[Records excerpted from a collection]

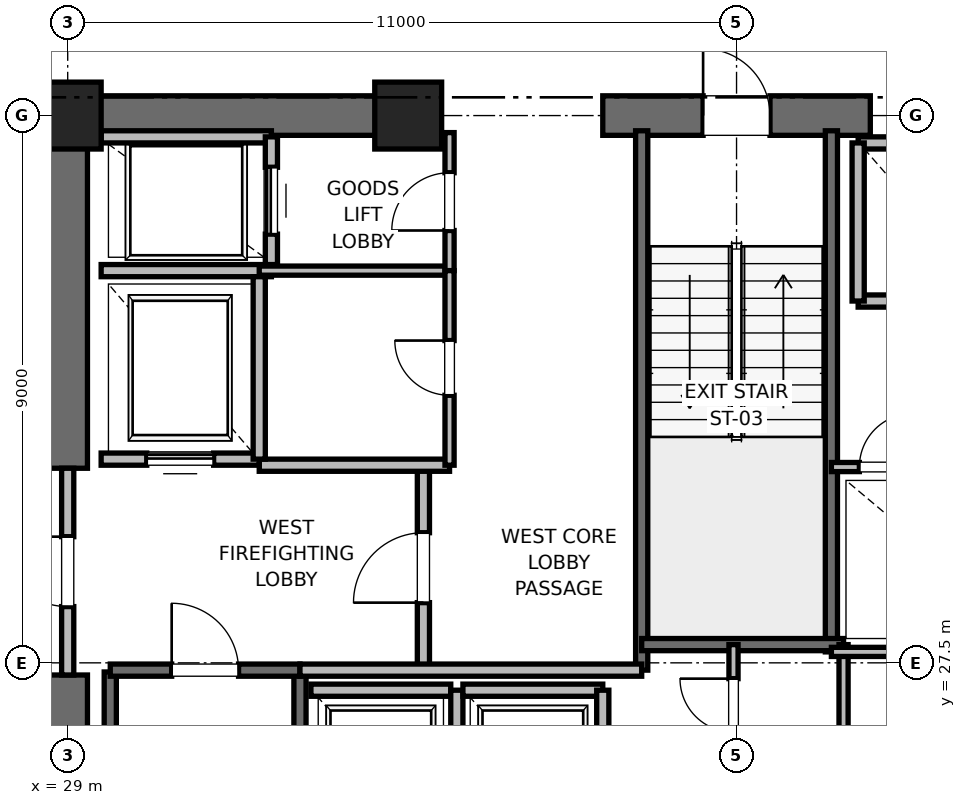
"""IFC4 building model, lengths in metres.
Left out: names, types, materials, properties, quantities, classifications, styles, units other than length and angle.
Written with IfcOpenShell. Run it as: python <this file> out.ifc"""

import sys

from ifc_helpers import new_model, si_unit, direction, frame, frame_2d, origin, origin_2d, place, context, subcontext, project, spatial, rectangle, extrude, element, fill, save


model = new_model("IFC4")
c1 = context("Model", 3, precision=1e-05, world=origin(), true_north=direction((0.0, 1.0)))
c2 = subcontext(c1, "Body", "Model", "MODEL_VIEW")
j1 = project(units=[si_unit("LENGTHUNIT", "METRE"), si_unit("PLANEANGLEUNIT", "RADIAN")], contexts=[c1])
p1 = place(None, origin())
s1 = spatial("IfcSite", under=j1, at=p1, CompositionType="ELEMENT")
p2 = place(p1, origin())
s2 = spatial("IfcBuilding", under=s1, at=p2, CompositionType="ELEMENT")
p3 = place(p2, frame((0.0, 0.0, 47.6)))
s3 = spatial("IfcBuildingStorey", under=s2, at=p3, CompositionType="ELEMENT", Elevation=47.6)
for number, where, z_axis, x_axis in (
    (1, (29.0, 36.5, 0.0), (0.0, 0.0, 1.0), (1.0, 0.0, 0.0)),
    (2, (34.6, 36.5, 0.0), (0.0, 0.0, 1.0), (1.0, 0.0, 0.0)),
):
    element("IfcColumn", number, at=place(p3, frame(where, z_axis=z_axis, x_axis=x_axis)), inside=s3, PredefinedType="PILASTER", context=c2, shape_type="SweptSolid", body=[
        extrude(rectangle(XDim=1.1, YDim=1.1, at=origin_2d()), origin(), (0.0, 0.0, 1.0), 4.0),
    ])
p4 = place(p3, frame((29.0, 36.5, 0.0), z_axis=(0.0, 0.0, 1.0), x_axis=(1.0, 0.0, 0.0)))
e3 = element("IfcWall", 3, at=p4, inside=s3, PredefinedType="SHEAR", context=c2, shape_type="SweptSolid", body=[
    extrude(rectangle(XDim=5.8, YDim=0.65, at=frame_2d((2.9, 0.0))), origin(), (0.0, 0.0, 1.0), 3.76),
])
p5 = place(p3, frame((37.8, 36.5, 0.0), z_axis=(0.0, 0.0, 1.0), x_axis=(1.0, 0.0, 0.0)))
e4 = element("IfcWall", 4, at=p5, inside=s3, PredefinedType="SHEAR", context=c2, shape_type="SweptSolid", body=[
    extrude(rectangle(XDim=4.4, YDim=0.65, at=frame_2d((2.2, 0.0))), origin(), (0.0, 0.0, 1.0), 3.76),
])
p6 = place(p5, frame((1.65, 0.0, 0.0)))
e5 = element("IfcOpeningElement", 5, at=p6, cuts=e4, PredefinedType="OPENING", context=c2, shape_type="SweptSolid", body=[
    extrude(rectangle(XDim=1.1, YDim=2.15, at=frame_2d((0.55, 1.075))), frame((0.0, 0.325, 0.0), z_axis=(0.0, -1.0, 0.0), x_axis=(1.0, 0.0, 0.0)), (0.0, 0.0, 1.0), 0.65),
])
p7 = place(p3, frame((29.0, 18.5, 0.0), z_axis=(0.0, 0.0, 1.0), x_axis=(0.0, 1.0, 0.0)))
e6 = element("IfcWall", 6, at=p7, inside=s3, PredefinedType="SHEAR", context=c2, shape_type="SweptSolid", body=[
    extrude(rectangle(XDim=8.8, YDim=0.65, at=frame_2d((4.4, 0.0))), origin(), (0.0, 0.0, 1.0), 3.76),
])
p8 = place(p3, frame((29.0, 30.7, 0.0), z_axis=(0.0, 0.0, 1.0), x_axis=(0.0, 1.0, 0.0)))
e7 = element("IfcWall", 7, at=p8, inside=s3, PredefinedType="SHEAR", context=c2, shape_type="SweptSolid", body=[
    extrude(rectangle(XDim=5.8, YDim=0.65, at=frame_2d((2.9, 0.0))), origin(), (0.0, 0.0, 1.0), 3.76),
])
p9 = place(p3, frame((29.7, 19.2, 0.0), z_axis=(0.0, 0.0, 1.0), x_axis=(0.0, 1.0, 0.0)))
e8 = element("IfcWall", 8, at=p9, inside=s3, PredefinedType="SOLIDWALL", context=c2, shape_type="SweptSolid", body=[
    extrude(rectangle(XDim=8.15, YDim=0.2, at=frame_2d((4.075, 0.0))), origin(), (0.0, 0.0, 1.0), 3.76),
])
p10 = place(p3, frame((32.82, 18.6, 0.0), z_axis=(0.0, 0.0, 1.0), x_axis=(0.0, 1.0, 0.0)))
e9 = element("IfcWall", 9, at=p10, inside=s3, PredefinedType="SOLIDWALL", context=c2, shape_type="SweptSolid", body=[
    extrude(rectangle(XDim=8.78, YDim=0.2, at=frame_2d((4.39, 0.0))), origin(), (0.0, 0.0, 1.0), 3.76),
])
p11 = place(p3, frame((29.7, 27.38, 0.0), z_axis=(0.0, 0.0, 1.0), x_axis=(1.0, 0.0, 0.0)))
e10 = element("IfcWall", 10, at=p11, inside=s3, PredefinedType="SOLIDWALL", context=c2, shape_type="SweptSolid", body=[
    extrude(rectangle(XDim=3.12, YDim=0.2, at=frame_2d((1.56, 0.0))), origin(), (0.0, 0.0, 1.0), 3.76),
])
p12 = place(p11, frame((1.01, 0.0, 0.0)))
e11 = element("IfcOpeningElement", 11, at=p12, cuts=e10, PredefinedType="OPENING", context=c2, shape_type="SweptSolid", body=[
    extrude(rectangle(XDim=1.1, YDim=2.15, at=frame_2d((0.55, 1.075))), frame((0.0, 0.1, 0.0), z_axis=(0.0, -1.0, 0.0), x_axis=(1.0, 0.0, 0.0)), (0.0, 0.0, 1.0), 0.2),
])
p13 = place(p3, frame((38.44, 27.38, 0.0), z_axis=(0.0, 0.0, 1.0), x_axis=(0.0, 1.0, 0.0)))
e12 = element("IfcWall", 12, at=p13, inside=s3, PredefinedType="SOLIDWALL", context=c2, shape_type="SweptSolid", body=[
    extrude(rectangle(XDim=8.87, YDim=0.2, at=frame_2d((4.435, 0.0))), origin(), (0.0, 0.0, 1.0), 3.76),
])
p14 = place(p3, frame((41.56, 27.68, 0.0), z_axis=(0.0, 0.0, 1.0), x_axis=(0.0, 1.0, 0.0)))
e13 = element("IfcWall", 13, at=p14, inside=s3, PredefinedType="SOLIDWALL", context=c2, shape_type="SweptSolid", body=[
    extrude(rectangle(XDim=8.57, YDim=0.2, at=frame_2d((4.285, 0.0))), origin(), (0.0, 0.0, 1.0), 3.76),
])
p15 = place(p3, frame((38.44, 27.8, 0.0), z_axis=(0.0, 0.0, 1.0), x_axis=(1.0, 0.0, 0.0)))
e14 = element("IfcWall", 14, at=p15, inside=s3, PredefinedType="SOLIDWALL", context=c2, shape_type="SweptSolid", body=[
    extrude(rectangle(XDim=3.32, YDim=0.2, at=frame_2d((1.66, 0.0))), origin(), (0.0, 0.0, 1.0), 3.76),
])
p16 = place(p3, frame((34.85, 27.38, 0.0), z_axis=(0.0, 0.0, 1.0), x_axis=(0.0, 1.0, 0.0)))
e15 = element("IfcWall", 15, at=p16, inside=s3, PredefinedType="PARTITIONING", context=c2, shape_type="SweptSolid", body=[
    extrude(rectangle(XDim=3.37, YDim=0.2, at=frame_2d((1.685, 0.0))), origin(), (0.0, 0.0, 1.0), 3.76),
])
p17 = place(p16, frame((1.11, 0.0, 0.0)))
e16 = element("IfcOpeningElement", 16, at=p17, cuts=e15, PredefinedType="OPENING", context=c2, shape_type="SweptSolid", body=[
    extrude(rectangle(XDim=1.15, YDim=2.2, at=frame_2d((0.575, 1.1))), frame((0.0, 0.1, 0.0), z_axis=(0.0, -1.0, 0.0), x_axis=(1.0, 0.0, 0.0)), (0.0, 0.0, 1.0), 0.2),
])
p18 = place(p3, frame((29.0, 27.3, 0.0), z_axis=(0.0, 0.0, 1.0), x_axis=(0.0, 1.0, 0.0)))
e17 = element("IfcWall", 17, at=p18, inside=s3, PredefinedType="PARTITIONING", context=c2, shape_type="SweptSolid", body=[
    extrude(rectangle(XDim=3.4, YDim=0.2, at=frame_2d((1.7, 0.0))), origin(), (0.0, 0.0, 1.0), 2.54),
])
p19 = place(p18, frame((1.125, 0.0, 0.0)))
e18 = element("IfcOpeningElement", 18, at=p19, cuts=e17, PredefinedType="OPENING", context=c2, shape_type="SweptSolid", body=[
    extrude(rectangle(XDim=1.15, YDim=2.2, at=frame_2d((0.575, 1.1))), frame((0.0, 0.1, 0.0), z_axis=(0.0, -1.0, 0.0), x_axis=(1.0, 0.0, 0.0)), (0.0, 0.0, 1.0), 0.2),
])
p20 = place(p3, frame((32.82, 27.38, 0.0), z_axis=(0.0, 0.0, 1.0), x_axis=(1.0, 0.0, 0.0)))
e19 = element("IfcWall", 19, at=p20, inside=s3, PredefinedType="PARTITIONING", context=c2, shape_type="SweptSolid", body=[
    extrude(rectangle(XDim=5.62, YDim=0.2, at=frame_2d((2.81, 0.0))), origin(), (0.0, 0.0, 1.0), 3.76),
])
p21 = place(p3, frame((32.15, 30.75, 0.0), z_axis=(0.0, 0.0, 1.0), x_axis=(1.0, 0.0, 0.0)))
e20 = element("IfcWall", 20, at=p21, inside=s3, PredefinedType="PARTITIONING", context=c2, shape_type="SweptSolid", body=[
    extrude(rectangle(XDim=3.13, YDim=0.2, at=frame_2d((1.565, 0.0))), origin(), (0.0, 0.0, 1.0), 3.76),
])
p22 = place(p3, frame((29.55, 30.85, 0.0), z_axis=(0.0, 0.0, 1.0), x_axis=(1.0, 0.0, 0.0)))
e21 = element("IfcWall", 21, at=p22, inside=s3, PredefinedType="SOLIDWALL", context=c2, shape_type="SweptSolid", body=[
    extrude(rectangle(XDim=2.6, YDim=0.2, at=frame_2d((1.3, 0.0))), origin(), (0.0, 0.0, 1.0), 2.54),
])
p23 = place(p22, frame((0.75, 0.0, 0.0)))
e22 = element("IfcOpeningElement", 22, at=p23, cuts=e21, PredefinedType="OPENING", context=c2, shape_type="SweptSolid", body=[
    extrude(rectangle(XDim=1.1, YDim=2.2, at=frame_2d((0.55, 1.1))), frame((0.0, 0.1, 0.0), z_axis=(0.0, -1.0, 0.0), x_axis=(1.0, 0.0, 0.0)), (0.0, 0.0, 1.0), 0.2),
])
p24 = place(p3, frame((29.55, 33.95, 0.0), z_axis=(0.0, 0.0, 1.0), x_axis=(1.0, 0.0, 0.0)))
e23 = element("IfcWall", 23, at=p24, inside=s3, PredefinedType="SOLIDWALL", context=c2, shape_type="SweptSolid", body=[
    extrude(rectangle(XDim=2.8, YDim=0.2, at=frame_2d((1.4, 0.0))), origin(), (0.0, 0.0, 1.0), 3.76),
])
p25 = place(p3, frame((32.15, 30.85, 0.0), z_axis=(0.0, 0.0, 1.0), x_axis=(0.0, 1.0, 0.0)))
e24 = element("IfcWall", 24, at=p25, inside=s3, PredefinedType="SOLIDWALL", context=c2, shape_type="SweptSolid", body=[
    extrude(rectangle(XDim=3.0, YDim=0.2, at=frame_2d((1.5, 0.0))), origin(), (0.0, 0.0, 1.0), 3.76),
])
p26 = place(p3, frame((32.35, 36.15, 0.0), z_axis=(0.0, 0.0, 1.0), x_axis=(-1.0, 0.0, 0.0)))
e25 = element("IfcWall", 25, at=p26, inside=s3, PredefinedType="SOLIDWALL", context=c2, shape_type="SweptSolid", body=[
    extrude(rectangle(XDim=2.8, YDim=0.2, at=frame_2d((1.4, 0.0))), origin(), (0.0, 0.0, 1.0), 2.889),
])
p27 = place(p3, frame((32.35, 34.05, 0.0), z_axis=(0.0, 0.0, 1.0), x_axis=(0.0, 1.0, 0.0)))
e26 = element("IfcWall", 26, at=p27, inside=s3, PredefinedType="SOLIDWALL", context=c2, shape_type="SweptSolid", body=[
    extrude(rectangle(XDim=2.1, YDim=0.2, at=frame_2d((1.05, 0.0))), origin(), (0.0, 0.0, 1.0), 3.76),
])
p28 = place(p27, frame((0.5, 0.0, 0.0)))
e27 = element("IfcOpeningElement", 27, at=p28, cuts=e26, PredefinedType="OPENING", context=c2, shape_type="SweptSolid", body=[
    extrude(rectangle(XDim=1.1, YDim=2.2, at=frame_2d((0.55, 1.1))), frame((0.0, 0.1, 0.0), z_axis=(0.0, -1.0, 0.0), x_axis=(1.0, 0.0, 0.0)), (0.0, 0.0, 1.0), 0.2),
])
p29 = place(p3, frame((35.3, 27.05, 0.0), z_axis=(0.0, 0.0, 1.0), x_axis=(-1.0, 0.0, 0.0)))
e28 = element("IfcWall", 28, at=p29, inside=s3, PredefinedType="SOLIDWALL", context=c2, shape_type="SweptSolid", body=[
    extrude(rectangle(XDim=2.3, YDim=0.2, at=frame_2d((1.15, 0.0))), origin(), (0.0, 0.0, 1.0), 3.76),
])
p30 = place(p3, frame((35.4, 24.45, 0.0), z_axis=(0.0, 0.0, 1.0), x_axis=(0.0, 1.0, 0.0)))
e29 = element("IfcWall", 29, at=p30, inside=s3, PredefinedType="SOLIDWALL", context=c2, shape_type="SweptSolid", body=[
    extrude(rectangle(XDim=2.6, YDim=0.2, at=frame_2d((1.3, 0.0))), origin(), (0.0, 0.0, 1.0), 3.76),
])
p31 = place(p3, frame((37.8, 27.05, 0.0), z_axis=(0.0, 0.0, 1.0), x_axis=(-1.0, 0.0, 0.0)))
e30 = element("IfcWall", 30, at=p31, inside=s3, PredefinedType="SOLIDWALL", context=c2, shape_type="SweptSolid", body=[
    extrude(rectangle(XDim=2.3, YDim=0.2, at=frame_2d((1.15, 0.0))), origin(), (0.0, 0.0, 1.0), 3.76),
])
p32 = place(p3, frame((37.8, 24.45, 0.0), z_axis=(0.0, 0.0, 1.0), x_axis=(0.0, 1.0, 0.0)))
e31 = element("IfcWall", 31, at=p32, inside=s3, PredefinedType="SOLIDWALL", context=c2, shape_type="SweptSolid", body=[
    extrude(rectangle(XDim=2.6, YDim=0.2, at=frame_2d((1.3, 0.0))), origin(), (0.0, 0.0, 1.0), 3.76),
])
p33 = place(p3, frame((42.0, 33.45, 0.0), z_axis=(0.0, 0.0, 1.0), x_axis=(1.0, 0.0, 0.0)))
e32 = element("IfcWall", 32, at=p33, inside=s3, PredefinedType="SOLIDWALL", context=c2, shape_type="SweptSolid", body=[
    extrude(rectangle(XDim=2.3, YDim=0.2, at=frame_2d((1.15, 0.0))), origin(), (0.0, 0.0, 1.0), 3.76),
])
p34 = place(p3, frame((44.3, 36.05, 0.0), z_axis=(0.0, 0.0, 1.0), x_axis=(-1.0, 0.0, 0.0)))
e33 = element("IfcWall", 33, at=p34, inside=s3, PredefinedType="SOLIDWALL", context=c2, shape_type="SweptSolid", body=[
    extrude(rectangle(XDim=2.3, YDim=0.2, at=frame_2d((1.15, 0.0))), origin(), (0.0, 0.0, 1.0), 2.54),
])
p35 = place(p3, frame((42.0, 36.05, 0.0), z_axis=(0.0, 0.0, 1.0), x_axis=(0.0, -1.0, 0.0)))
e34 = element("IfcWall", 34, at=p35, inside=s3, PredefinedType="SOLIDWALL", context=c2, shape_type="SweptSolid", body=[
    extrude(rectangle(XDim=2.6, YDim=0.2, at=frame_2d((1.3, 0.0))), origin(), (0.0, 0.0, 1.0), 2.54),
])
p36 = place(p3, frame((41.76, 23.8, 0.0), z_axis=(0.0, 0.0, 1.0), x_axis=(0.0, 1.0, 0.0)))
e35 = element("IfcWall", 35, at=p36, inside=s3, PredefinedType="PARTITIONING", context=c2, shape_type="SweptSolid", body=[
    extrude(rectangle(XDim=4.0, YDim=0.15, at=frame_2d((2.0, 0.0))), origin(), (0.0, 0.0, 1.0), 2.85),
])
p37 = place(p3, frame((39.95, 25.8, 0.0), z_axis=(0.0, 0.0, 1.0), x_axis=(0.0, 1.0, 0.0)))
e36 = element("IfcWall", 36, at=p37, inside=s3, PredefinedType="PARTITIONING", context=c2, shape_type="SweptSolid", body=[
    extrude(rectangle(XDim=2.0, YDim=0.15, at=frame_2d((1.0, 0.0))), origin(), (0.0, 0.0, 1.0), 2.85),
])
p38 = place(p37, frame((0.56, 0.0, 0.0)))
e37 = element("IfcOpeningElement", 37, at=p38, cuts=e36, PredefinedType="OPENING", context=c2, shape_type="SweptSolid", body=[
    extrude(rectangle(XDim=0.88, YDim=2.1, at=frame_2d((0.44, 1.05))), frame((0.0, 0.075, 0.0), z_axis=(0.0, -1.0, 0.0), x_axis=(1.0, 0.0, 0.0)), (0.0, 0.0, 1.0), 0.15),
])
p39 = place(p3, frame((32.15, 33.95, 0.0), z_axis=(0.0, 0.0, 1.0), x_axis=(1.0, 0.0, 0.0)))
e38 = element("IfcWall", 38, at=p39, inside=s3, PredefinedType="PARTITIONING", context=c2, shape_type="SweptSolid", body=[
    extrude(rectangle(XDim=3.13, YDim=0.15, at=frame_2d((1.565, 0.0))), origin(), (0.0, 0.0, 1.0), 2.85),
])
p40 = place(p3, frame((35.28, 33.95, 0.0), z_axis=(0.0, 0.0, 1.0), x_axis=(0.0, 1.0, 0.0)))
e39 = element("IfcWall", 39, at=p40, inside=s3, PredefinedType="PARTITIONING", context=c2, shape_type="SweptSolid", body=[
    extrude(rectangle(XDim=2.27, YDim=0.15, at=frame_2d((1.135, 0.0))), origin(), (0.0, 0.0, 1.0), 2.54),
])
p41 = place(p40, frame((0.66, 0.0, 0.0)))
e40 = element("IfcOpeningElement", 40, at=p41, cuts=e39, PredefinedType="OPENING", context=c2, shape_type="SweptSolid", body=[
    extrude(rectangle(XDim=0.95, YDim=2.15, at=frame_2d((0.475, 1.075))), frame((0.0, 0.075, 0.0), z_axis=(0.0, -1.0, 0.0), x_axis=(1.0, 0.0, 0.0)), (0.0, 0.0, 1.0), 0.15),
])
p42 = place(p3, frame((35.28, 30.75, 0.0), z_axis=(0.0, 0.0, 1.0), x_axis=(0.0, 1.0, 0.0)))
e41 = element("IfcWall", 41, at=p42, inside=s3, PredefinedType="PARTITIONING", context=c2, shape_type="SweptSolid", body=[
    extrude(rectangle(XDim=3.2, YDim=0.15, at=frame_2d((1.6, 0.0))), origin(), (0.0, 0.0, 1.0), 2.85),
])
p43 = place(p42, frame((1.15, 0.0, 0.0)))
e42 = element("IfcOpeningElement", 42, at=p43, cuts=e41, PredefinedType="OPENING", context=c2, shape_type="SweptSolid", body=[
    extrude(rectangle(XDim=0.9, YDim=2.1, at=frame_2d((0.45, 1.05))), frame((0.0, 0.075, 0.0), z_axis=(0.0, -1.0, 0.0), x_axis=(1.0, 0.0, 0.0)), (0.0, 0.0, 1.0), 0.15),
])
p44 = place(p3, frame((41.56, 27.68, 0.0), z_axis=(0.0, 0.0, 1.0), x_axis=(1.0, 0.0, 0.0)))
e43 = element("IfcWall", 43, at=p44, inside=s3, PredefinedType="PARTITIONING", context=c2, shape_type="SweptSolid", body=[
    extrude(rectangle(XDim=3.59, YDim=0.15, at=frame_2d((1.795, 0.0))), origin(), (0.0, 0.0, 1.0), 2.85),
])
p45 = place(p3, frame((41.56, 30.72, 0.0), z_axis=(0.0, 0.0, 1.0), x_axis=(1.0, 0.0, 0.0)))
e44 = element("IfcWall", 44, at=p45, inside=s3, PredefinedType="PARTITIONING", context=c2, shape_type="SweptSolid", body=[
    extrude(rectangle(XDim=1.8, YDim=0.15, at=frame_2d((0.9, 0.0))), origin(), (0.0, 0.0, 1.0), 2.85),
])
p46 = place(p45, frame((0.46, 0.0, 0.0)))
e45 = element("IfcOpeningElement", 45, at=p46, cuts=e44, PredefinedType="OPENING", context=c2, shape_type="SweptSolid", body=[
    extrude(rectangle(XDim=0.88, YDim=2.1, at=frame_2d((0.44, 1.05))), frame((0.0, 0.075, 0.0), z_axis=(0.0, -1.0, 0.0), x_axis=(1.0, 0.0, 0.0)), (0.0, 0.0, 1.0), 0.15),
])
p47 = place(p12, origin())
e46 = element("IfcDoor", 46, at=p47, inside=s3, OperationType="SINGLE_SWING_LEFT", PredefinedType="DOOR", context=c2, shape_type="SweptSolid", body=[
    extrude(rectangle(XDim=1.1, YDim=2.15, at=frame_2d((0.55, 1.075))), frame((0.0, 0.025, 0.0), z_axis=(0.0, -1.0, 0.0), x_axis=(1.0, 0.0, 0.0)), (0.0, 0.0, 1.0), 0.05),
])
fill(e11, e46)
p48 = place(p6, origin())
e47 = element("IfcDoor", 47, at=p48, inside=s3, OperationType="SINGLE_SWING_LEFT", PredefinedType="DOOR", context=c2, shape_type="SweptSolid", body=[
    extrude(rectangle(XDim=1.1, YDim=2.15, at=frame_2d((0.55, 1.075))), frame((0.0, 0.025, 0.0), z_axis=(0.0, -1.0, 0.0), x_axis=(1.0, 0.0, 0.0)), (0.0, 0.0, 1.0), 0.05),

# WORK ITEM
Scan the data, and report each line that uses the word "direction".

# RESPONSE AREA
from ifc_helpers import new_model, si_unit, direction, frame, frame_2d, origin, origin_2d, place, context, subcontext, project, spatial, rectangle, extrude, element, fill, save
c1 = context("Model", 3, precision=1e-05, world=origin(), true_north=direction((0.0, 1.0)))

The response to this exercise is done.